Records from a data collection
_ _ _ _ _ _ _

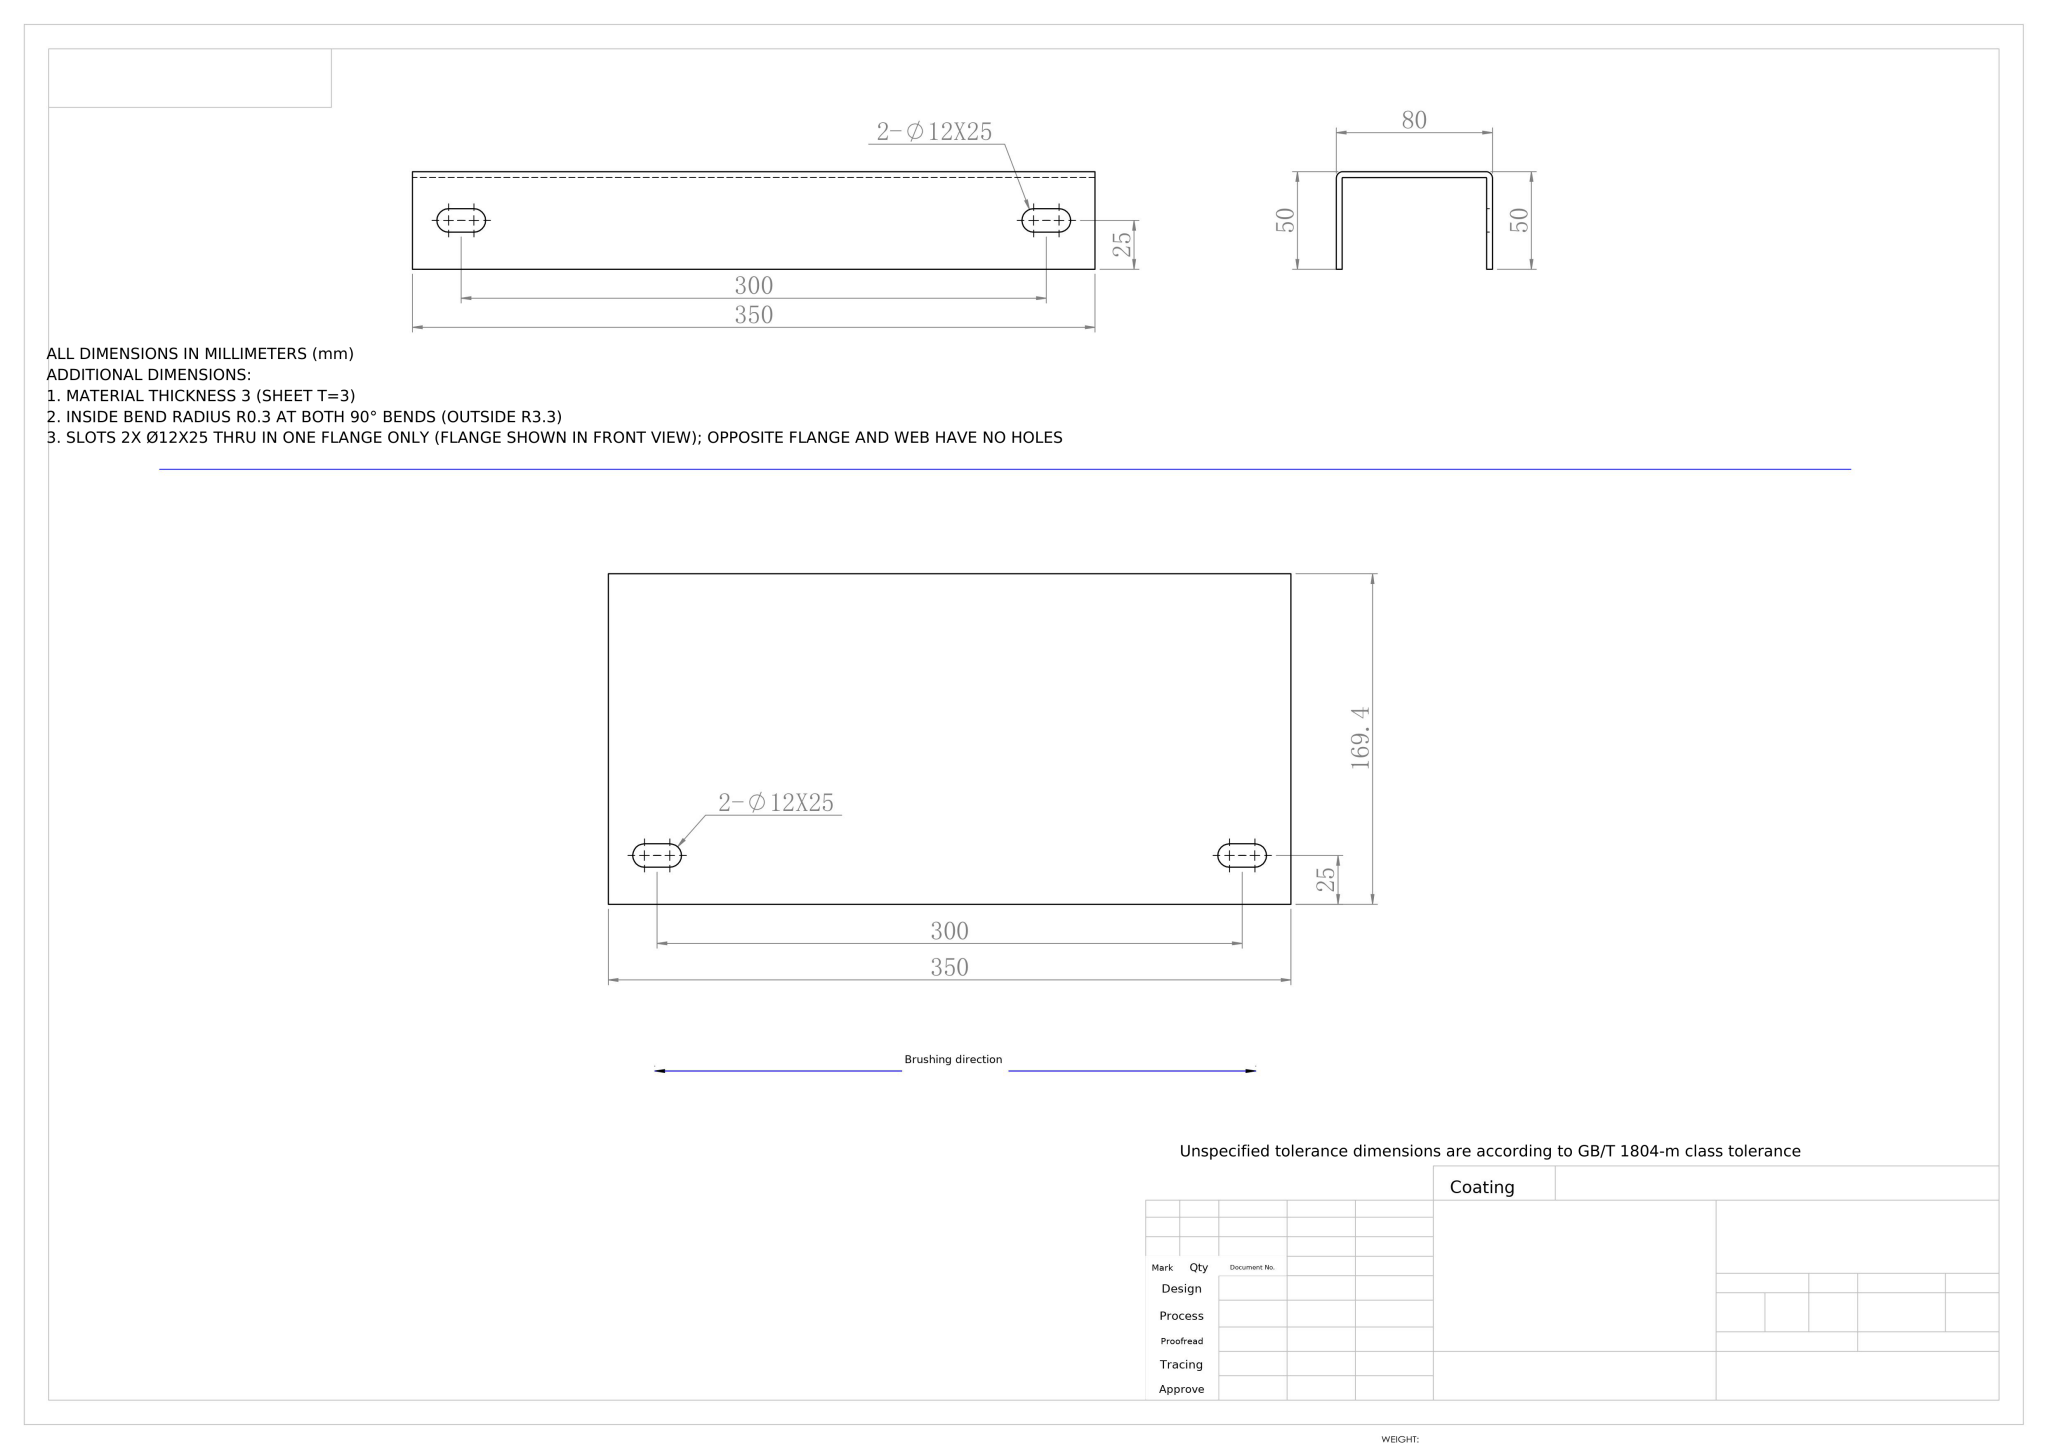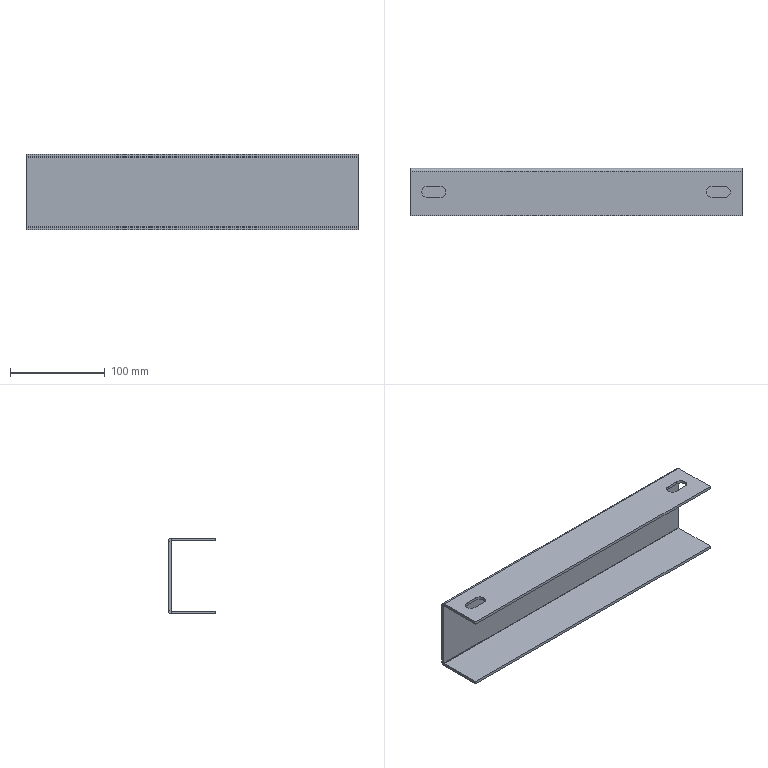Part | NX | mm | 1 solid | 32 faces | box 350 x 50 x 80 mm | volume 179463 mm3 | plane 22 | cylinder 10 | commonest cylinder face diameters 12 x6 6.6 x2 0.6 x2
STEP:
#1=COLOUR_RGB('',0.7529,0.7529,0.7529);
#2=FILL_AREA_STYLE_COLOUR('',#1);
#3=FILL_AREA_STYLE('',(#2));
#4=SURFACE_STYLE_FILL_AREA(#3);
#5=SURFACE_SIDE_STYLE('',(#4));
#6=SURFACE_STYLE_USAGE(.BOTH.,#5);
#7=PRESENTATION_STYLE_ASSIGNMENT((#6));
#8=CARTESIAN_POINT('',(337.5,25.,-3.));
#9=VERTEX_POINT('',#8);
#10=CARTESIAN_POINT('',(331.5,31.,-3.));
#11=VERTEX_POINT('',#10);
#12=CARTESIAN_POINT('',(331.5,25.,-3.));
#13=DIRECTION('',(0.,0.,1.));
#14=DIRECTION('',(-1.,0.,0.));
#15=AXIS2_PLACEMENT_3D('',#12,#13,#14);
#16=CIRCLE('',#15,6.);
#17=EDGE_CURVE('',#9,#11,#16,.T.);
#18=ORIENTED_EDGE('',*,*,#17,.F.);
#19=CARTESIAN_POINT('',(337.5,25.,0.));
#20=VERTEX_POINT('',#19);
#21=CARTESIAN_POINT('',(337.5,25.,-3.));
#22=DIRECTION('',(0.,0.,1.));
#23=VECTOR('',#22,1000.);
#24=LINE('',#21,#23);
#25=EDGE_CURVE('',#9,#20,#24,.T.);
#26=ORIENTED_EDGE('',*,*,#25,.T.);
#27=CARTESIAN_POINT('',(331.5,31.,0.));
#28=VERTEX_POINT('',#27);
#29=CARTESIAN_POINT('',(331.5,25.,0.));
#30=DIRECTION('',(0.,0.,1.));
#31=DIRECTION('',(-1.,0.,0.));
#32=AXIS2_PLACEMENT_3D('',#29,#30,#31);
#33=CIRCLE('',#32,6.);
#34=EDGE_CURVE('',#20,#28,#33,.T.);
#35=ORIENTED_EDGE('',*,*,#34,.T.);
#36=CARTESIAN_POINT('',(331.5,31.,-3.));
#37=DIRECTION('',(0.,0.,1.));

_ _ _ _ _ _ _

Work to be completed → Would you please repeat all the data word for word, but without the pictures?

Exercise result →
Part | NX | mm | 1 solid | 32 faces | box 350 x 50 x 80 mm | volume 179463 mm3 | plane 22 | cylinder 10 | commonest cylinder face diameters 12 x6 6.6 x2 0.6 x2
STEP:
#1=COLOUR_RGB('',0.7529,0.7529,0.7529);
#2=FILL_AREA_STYLE_COLOUR('',#1);
#3=FILL_AREA_STYLE('',(#2));
#4=SURFACE_STYLE_FILL_AREA(#3);
#5=SURFACE_SIDE_STYLE('',(#4));
#6=SURFACE_STYLE_USAGE(.BOTH.,#5);
#7=PRESENTATION_STYLE_ASSIGNMENT((#6));
#8=CARTESIAN_POINT('',(337.5,25.,-3.));
#9=VERTEX_POINT('',#8);
#10=CARTESIAN_POINT('',(331.5,31.,-3.));
#11=VERTEX_POINT('',#10);
#12=CARTESIAN_POINT('',(331.5,25.,-3.));
#13=DIRECTION('',(0.,0.,1.));
#14=DIRECTION('',(-1.,0.,0.));
#15=AXIS2_PLACEMENT_3D('',#12,#13,#14);
#16=CIRCLE('',#15,6.);
#17=EDGE_CURVE('',#9,#11,#16,.T.);
#18=ORIENTED_EDGE('',*,*,#17,.F.);
#19=CARTESIAN_POINT('',(337.5,25.,0.));
#20=VERTEX_POINT('',#19);
#21=CARTESIAN_POINT('',(337.5,25.,-3.));
#22=DIRECTION('',(0.,0.,1.));
#23=VECTOR('',#22,1000.);
#24=LINE('',#21,#23);
#25=EDGE_CURVE('',#9,#20,#24,.T.);
#26=ORIENTED_EDGE('',*,*,#25,.T.);
#27=CARTESIAN_POINT('',(331.5,31.,0.));
#28=VERTEX_POINT('',#27);
#29=CARTESIAN_POINT('',(331.5,25.,0.));
#30=DIRECTION('',(0.,0.,1.));
#31=DIRECTION('',(-1.,0.,0.));
#32=AXIS2_PLACEMENT_3D('',#29,#30,#31);
#33=CIRCLE('',#32,6.);
#34=EDGE_CURVE('',#20,#28,#33,.T.);
#35=ORIENTED_EDGE('',*,*,#34,.T.);
#36=CARTESIAN_POINT('',(331.5,31.,-3.));
#37=DIRECTION('',(0.,0.,1.));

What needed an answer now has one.